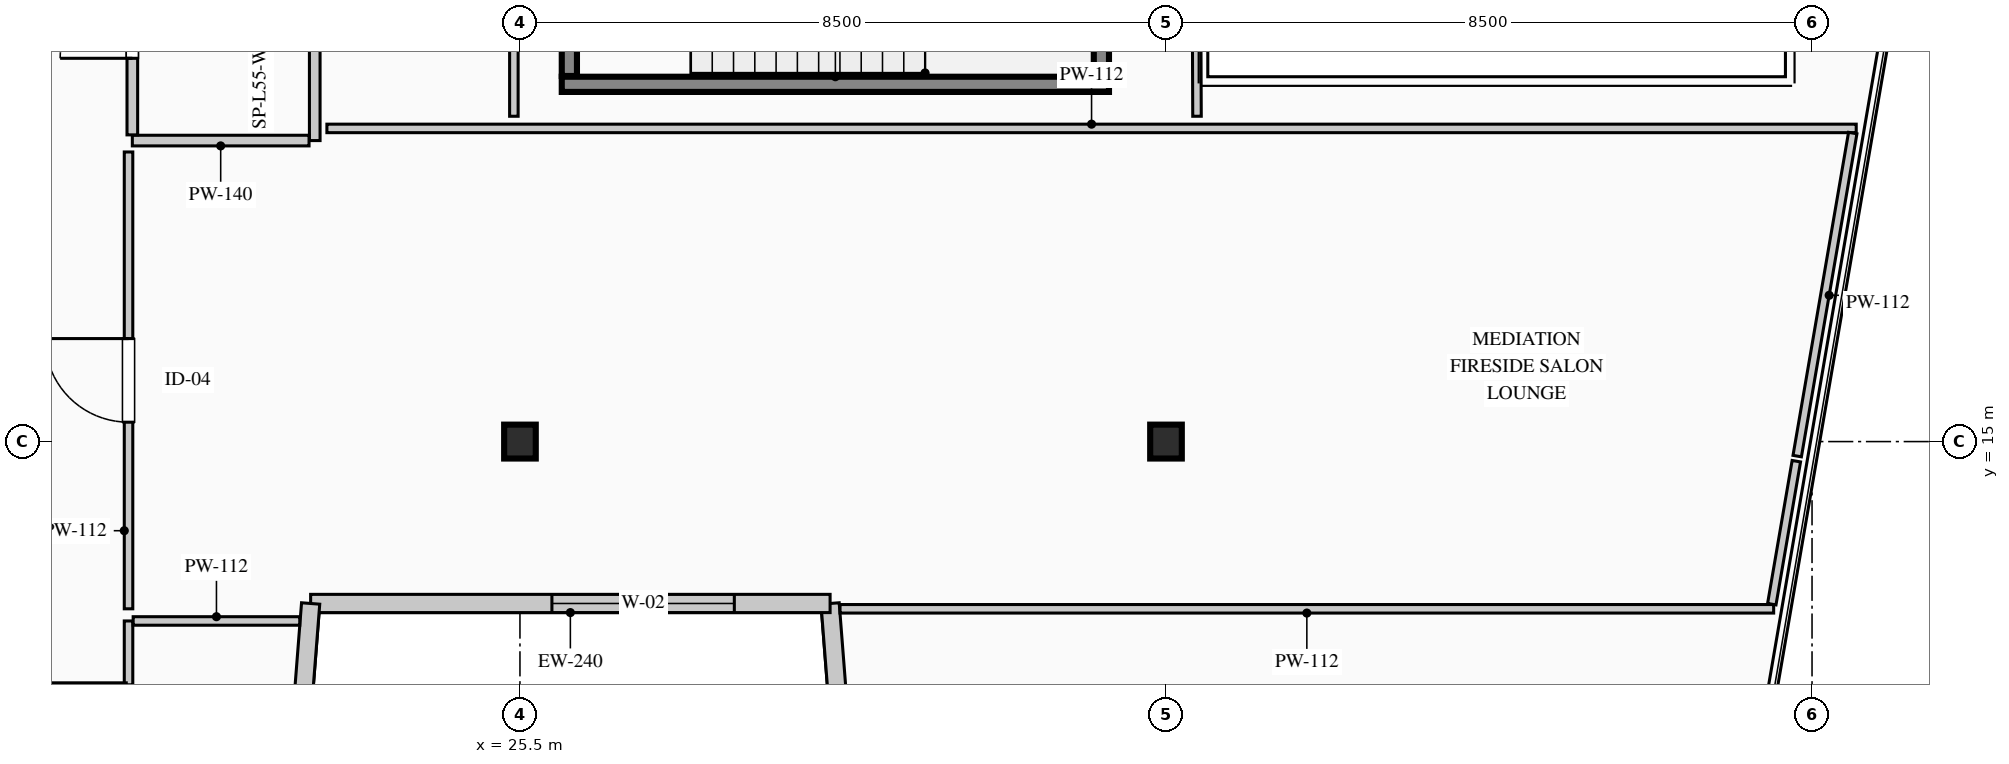
"""IFC4 building model, lengths in metres.
Left out: names, types, materials, properties, quantities, classifications, styles, units other than length and angle.
Written with IfcOpenShell. Run it as: python <this file> out.ifc"""

import sys

from ifc_helpers import new_model, si_unit, direction, frame, frame_2d, origin, origin_2d, place, context, subcontext, project, spatial, rectangle, i_section, extrude, element, fill, save


model = new_model("IFC4")
c1 = context("Model", 3, precision=1e-05, world=origin(), true_north=direction((0.0, 1.0)))
c2 = subcontext(c1, "Body", "Model", "MODEL_VIEW")
j1 = project(units=[si_unit("LENGTHUNIT", "METRE"), si_unit("PLANEANGLEUNIT", "RADIAN")], contexts=[c1])
p1 = place(None, origin())
s1 = spatial("IfcSite", under=j1, at=p1, CompositionType="ELEMENT")
p2 = place(p1, origin())
s2 = spatial("IfcBuilding", under=s1, at=p2, CompositionType="ELEMENT")
p3 = place(p2, frame((0.0, 0.0, 231.15)))
s3 = spatial("IfcBuildingStorey", under=s2, at=p3, CompositionType="ELEMENT", Elevation=231.15)
p4 = place(p3, frame((26.05, 19.7, 0.0), z_axis=(0.0, 0.0, 1.0), x_axis=(1.0, 0.0, 0.0)))
e1 = element("IfcWall", 1, at=p4, inside=s3, PredefinedType="SHEAR", context=c2, shape_type="SweptSolid", body=[
    extrude(rectangle(XDim=7.2, YDim=0.2, at=frame_2d((3.6, 0.0))), origin(), (0.0, 0.0, 1.0), 3.95),
])
for number, where, z_axis, x_axis in (
    (2, (26.15, 19.81, 0.0), (0.0, 0.0, 1.0), (0.0, 1.0, 0.0)),
    (3, (33.15, 19.81, 0.0), (0.0, 0.0, 1.0), (0.0, 1.0, 0.0)),
):
    element("IfcWall", number, at=place(p3, frame(where, z_axis=z_axis, x_axis=x_axis)), inside=s3, PredefinedType="SHEAR", context=c2, shape_type="SweptSolid", body=[
        extrude(rectangle(XDim=3.13, YDim=0.2, at=frame_2d((1.565, 0.0))), origin(), (0.0, 0.0, 1.0), 3.95),
    ])
for number, where, z_axis, x_axis in (
    (4, (25.5, 15.0, 0.0), (0.0, 0.0, 1.0), (1.0, 0.0, 0.0)),
    (5, (34.0, 15.0, 0.0), (0.0, 0.0, 1.0), (1.0, 0.0, 0.0)),
):
    element("IfcColumn", number, at=place(p3, frame(where, z_axis=z_axis, x_axis=x_axis)), inside=s3, PredefinedType="COLUMN", context=c2, shape_type="SweptSolid", body=[
        extrude(i_section(OverallWidth=0.416, OverallDepth=0.446, WebThickness=0.039, FlangeThickness=0.063, FilletRadius=0.015, at=origin_2d()), origin(), (0.0, 0.0, 1.0), 3.95),
    ])
p5 = place(p3, frame((30.381, 2.62, 0.0), z_axis=(0.0, 0.0, 1.0), x_axis=(-0.077816860153, 0.996967670627, 0.0)))
e6 = element("IfcWall", 6, at=p5, inside=s3, PredefinedType="STANDARD", context=c2, shape_type="SweptSolid", body=[
    extrude(rectangle(XDim=10.281, YDim=0.24, at=frame_2d((5.141, 0.0))), origin(), (0.0, 0.0, 1.0), 3.7),
])
p6 = place(p5, frame((5.38, 0.0, 0.9)))
e7 = element("IfcOpeningElement", 7, at=p6, cuts=e6, PredefinedType="OPENING", context=c2, shape_type="SweptSolid", body=[
    extrude(rectangle(XDim=2.4, YDim=2.1, at=frame_2d((1.2, 1.05))), frame((0.0, 0.13, 0.0), z_axis=(0.0, -1.0, 0.0), x_axis=(1.0, 0.0, 0.0)), (0.0, 0.0, 1.0), 0.26),
])
p7 = place(p3, frame((29.581, 12.87, 0.0), z_axis=(0.0, 0.0, 1.0), x_axis=(-1.0, 0.0, 0.0)))
e8 = element("IfcWall", 8, at=p7, inside=s3, PredefinedType="STANDARD", context=c2, shape_type="SweptSolid", body=[
    extrude(rectangle(XDim=6.834, YDim=0.24, at=frame_2d((3.417, 0.0))), origin(), (0.0, 0.0, 1.0), 3.7),
])
p8 = place(p7, frame((1.26, 0.0, 0.9)))
e9 = element("IfcOpeningElement", 9, at=p8, cuts=e8, PredefinedType="OPENING", context=c2, shape_type="SweptSolid", body=[
    extrude(rectangle(XDim=2.4, YDim=2.1, at=frame_2d((1.2, 1.05))), frame((0.0, 0.13, 0.0), z_axis=(0.0, -1.0, 0.0), x_axis=(1.0, 0.0, 0.0)), (0.0, 0.0, 1.0), 0.26),
])
p9 = place(p3, frame((22.746, 12.87, 0.0), z_axis=(0.0, 0.0, 1.0), x_axis=(-0.077816860153, -0.996967670627, 0.0)))
e10 = element("IfcWall", 10, at=p9, inside=s3, PredefinedType="STANDARD", context=c2, shape_type="SweptSolid", body=[
    extrude(rectangle(XDim=10.281, YDim=0.24, at=frame_2d((5.141, 0.0))), origin(), (0.0, 0.0, 1.0), 3.7),
])
p10 = place(p9, frame((2.501, 0.0, 0.9)))
e11 = element("IfcOpeningElement", 11, at=p10, cuts=e10, PredefinedType="OPENING", context=c2, shape_type="SweptSolid", body=[
    extrude(rectangle(XDim=2.4, YDim=2.1, at=frame_2d((1.2, 1.05))), frame((0.0, 0.13, 0.0), z_axis=(0.0, -1.0, 0.0), x_axis=(1.0, 0.0, 0.0)), (0.0, 0.0, 1.0), 0.26),
])
p11 = place(p3, frame((22.8, 22.0, 0.0), z_axis=(0.0, 0.0, 1.0), x_axis=(0.0, -1.0, 0.0)))
e12 = element("IfcWall", 12, at=p11, inside=s3, PredefinedType="PARTITIONING", context=c2, shape_type="SweptSolid", body=[
    extrude(rectangle(XDim=3.04, YDim=0.14, at=frame_2d((1.52, 0.0))), origin(), (0.0, 0.0, 1.0), 3.285),
])
p12 = place(p3, frame((22.725, 18.96, 0.0), z_axis=(0.0, 0.0, 1.0), x_axis=(-1.0, 0.0, 0.0)))
e13 = element("IfcWall", 13, at=p12, inside=s3, PredefinedType="PARTITIONING", context=c2, shape_type="SweptSolid", body=[
    extrude(rectangle(XDim=2.325, YDim=0.14, at=frame_2d((1.163, 0.0))), origin(), (0.0, 0.0, 1.0), 3.7),
])
p13 = place(p3, frame((20.4, 19.035, 0.0), z_axis=(0.0, 0.0, 1.0), x_axis=(0.0, 1.0, 0.0)))
e14 = element("IfcWall", 14, at=p13, inside=s3, PredefinedType="PARTITIONING", context=c2, shape_type="SweptSolid", body=[
    extrude(rectangle(XDim=2.965, YDim=0.14, at=frame_2d((1.482, 0.0))), origin(), (0.0, 0.0, 1.0), 3.7),
])
p14 = place(p13, frame((1.008, 0.0, 0.0)))
e15 = element("IfcOpeningElement", 15, at=p14, cuts=e14, PredefinedType="OPENING", context=c2, shape_type="SweptSolid", body=[
    extrude(rectangle(XDim=0.95, YDim=2.15, at=frame_2d((0.475, 1.075))), frame((0.0, 0.08, 0.0), z_axis=(0.0, -1.0, 0.0), x_axis=(1.0, 0.0, 0.0)), (0.0, 0.0, 1.0), 0.16),
])
p15 = place(p3, frame((20.35, 11.8, 0.0), z_axis=(0.0, 0.0, 1.0), x_axis=(0.0, 1.0, 0.0)))
e16 = element("IfcWall", 16, at=p15, inside=s3, PredefinedType="PARTITIONING", context=c2, shape_type="SweptSolid", body=[
    extrude(rectangle(XDim=0.84, YDim=0.112, at=frame_2d((0.42, 0.0))), origin(), (0.0, 0.0, 1.0), 3.7),
])
p16 = place(p3, frame((20.411, 12.64, 0.0), z_axis=(0.0, 0.0, 1.0), x_axis=(1.0, 0.0, 0.0)))
e17 = element("IfcWall", 17, at=p16, inside=s3, PredefinedType="PARTITIONING", context=c2, shape_type="SweptSolid", body=[
    extrude(rectangle(XDim=2.192, YDim=0.112, at=frame_2d((1.096, 0.0))), origin(), (0.0, 0.0, 1.0), 3.7),
])
p17 = place(p3, frame((17.08, 11.77, 0.0), z_axis=(0.0, 0.0, 1.0), x_axis=(1.0, 0.0, 0.0)))
e18 = element("IfcWall", 18, at=p17, inside=s3, PredefinedType="PARTITIONING", context=c2, shape_type="SweptSolid", body=[
    extrude(rectangle(XDim=3.24, YDim=0.112, at=frame_2d((1.62, 0.0))), origin(), (0.0, 0.0, 1.0), 3.7),
])
p18 = place(p17, frame((1.07, 0.0, 0.0)))
e19 = element("IfcOpeningElement", 19, at=p18, cuts=e18, PredefinedType="OPENING", context=c2, shape_type="SweptSolid", body=[
    extrude(rectangle(XDim=1.1, YDim=2.2, at=frame_2d((0.55, 1.1))), frame((0.0, 0.066, 0.0), z_axis=(0.0, -1.0, 0.0), x_axis=(1.0, 0.0, 0.0)), (0.0, 0.0, 1.0), 0.132),
])
p19 = place(p3, frame((41.995, 12.8, 0.0), z_axis=(0.0, 0.0, 1.0), x_axis=(-1.0, 0.0, 0.0)))
e20 = element("IfcWall", 20, at=p19, inside=s3, PredefinedType="PARTITIONING", context=c2, shape_type="SweptSolid", body=[
    extrude(rectangle(XDim=12.284, YDim=0.112, at=frame_2d((6.142, 0.0))), origin(), (0.0, 0.0, 1.0), 3.7),
])
p20 = place(p3, frame((20.35, 12.8, 0.0), z_axis=(0.0, 0.0, 1.0), x_axis=(0.0, 1.0, 0.0)))
e21 = element("IfcWall", 21, at=p20, inside=s3, PredefinedType="PARTITIONING", context=c2, shape_type="SweptSolid", body=[
    extrude(rectangle(XDim=6.01, YDim=0.112, at=frame_2d((3.005, 0.0))), origin(), (0.0, 0.0, 1.0), 3.7),
])
p21 = place(p20, frame((2.455, 0.0, 0.0)))
e22 = element("IfcOpeningElement", 22, at=p21, cuts=e21, PredefinedType="OPENING", context=c2, shape_type="SweptSolid", body=[
    extrude(rectangle(XDim=1.1, YDim=2.2, at=frame_2d((0.55, 1.1))), frame((0.0, 0.066, 0.0), z_axis=(0.0, -1.0, 0.0), x_axis=(1.0, 0.0, 0.0)), (0.0, 0.0, 1.0), 0.132),
])
p22 = place(p3, frame((22.96, 19.12, 0.0), z_axis=(0.0, 0.0, 1.0), x_axis=(1.0, 0.0, 0.0)))
e23 = element("IfcWall", 23, at=p22, inside=s3, PredefinedType="PARTITIONING", context=c2, shape_type="SweptSolid", body=[
    extrude(rectangle(XDim=20.121, YDim=0.112, at=frame_2d((10.061, 0.0))), origin(), (0.0, 0.0, 1.0), 3.7),
])
p23 = place(p3, frame((43.035, 19.059, 0.0), z_axis=(0.0, 0.0, 1.0), x_axis=(-0.169391215599, -0.98554889076, 0.0)))
e24 = element("IfcWall", 24, at=p23, inside=s3, PredefinedType="PARTITIONING", context=c2, shape_type="SweptSolid", body=[
    extrude(rectangle(XDim=4.312, YDim=0.112, at=frame_2d((2.156, 0.0))), origin(), (0.0, 0.0, 1.0), 3.7),
])
p24 = place(p3, frame((42.293, 14.742, 0.0), z_axis=(0.0, 0.0, 1.0), x_axis=(-0.169251422206, -0.985572907542, 0.0)))
e25 = element("IfcWall", 25, at=p24, inside=s3, PredefinedType="PARTITIONING", context=c2, shape_type="SweptSolid", body=[
    extrude(rectangle(XDim=1.908, YDim=0.112, at=frame_2d((0.954, 0.0))), origin(), (0.0, 0.0, 1.0), 3.7),
])
p25 = place(p3, frame((25.42, 29.02, 0.0), z_axis=(0.0, 0.0, 1.0), x_axis=(0.0, -1.0, 0.0)))
e26 = element("IfcWall", 26, at=p25, inside=s3, PredefinedType="PARTITIONING", context=c2, shape_type="SweptSolid", body=[
    extrude(rectangle(XDim=9.74, YDim=0.112, at=frame_2d((4.87, 0.0))), origin(), (0.0, 0.0, 1.0), 2.885),
])
p26 = place(p3, frame((34.37, 28.6, 0.0), z_axis=(0.0, 0.0, 1.0), x_axis=(0.004060215387, -0.999991757292, 0.0)))
e27 = element("IfcWall", 27, at=p26, inside=s3, PredefinedType="PARTITIONING", context=c2, shape_type="SweptSolid", body=[
    extrude(rectangle(XDim=9.32, YDim=0.112, at=frame_2d((4.66, 0.0))), origin(), (0.0, 0.0, 1.0), 3.7),
])
p27 = place(p8, origin())
e28 = element("IfcWindow", 28, at=p27, inside=s3, PartitioningType="DOUBLE_PANEL_VERTICAL", PredefinedType="WINDOW", context=c2, shape_type="SweptSolid", body=[
    extrude(rectangle(XDim=2.4, YDim=2.1, at=frame_2d((1.2, 1.05))), frame((0.0, 0.03, 0.0), z_axis=(0.0, -1.0, 0.0), x_axis=(1.0, 0.0, 0.0)), (0.0, 0.0, 1.0), 0.06),
])
fill(e9, e28)
p28 = place(p14, origin())
e29 = element("IfcDoor", 29, at=p28, inside=s3, OperationType="SINGLE_SWING_LEFT", PredefinedType="DOOR", context=c2, shape_type="SweptSolid", body=[
    extrude(rectangle(XDim=0.95, YDim=2.15, at=frame_2d((0.475, 1.075))), frame((0.0, 0.025, 0.0), z_axis=(0.0, -1.0, 0.0), x_axis=(1.0, 0.0, 0.0)), (0.0, 0.0, 1.0), 0.05),
])
fill(e15, e29)
p29 = place(p21, origin())
e30 = element("IfcDoor", 30, at=p29, inside=s3, OperationType="SINGLE_SWING_RIGHT", PredefinedType="DOOR", context=c2, shape_type="SweptSolid", body=[
    extrude(rectangle(XDim=1.1, YDim=2.2, at=frame_2d((0.55, 1.1))), frame((0.0, 0.025, 0.0), z_axis=(0.0, -1.0, 0.0), x_axis=(1.0, 0.0, 0.0)), (0.0, 0.0, 1.0), 0.05),
])
fill(e22, e30)
save(model, sys.argv[1])

────────────────────

# [Task item]
Copy every line from the entries that contains the word "SHEAR".

# [Task response]
e1 = element("IfcWall", 1, at=p4, inside=s3, PredefinedType="SHEAR", context=c2, shape_type="SweptSolid", body=[
    element("IfcWall", number, at=place(p3, frame(where, z_axis=z_axis, x_axis=x_axis)), inside=s3, PredefinedType="SHEAR", context=c2, shape_type="SweptSolid", body=[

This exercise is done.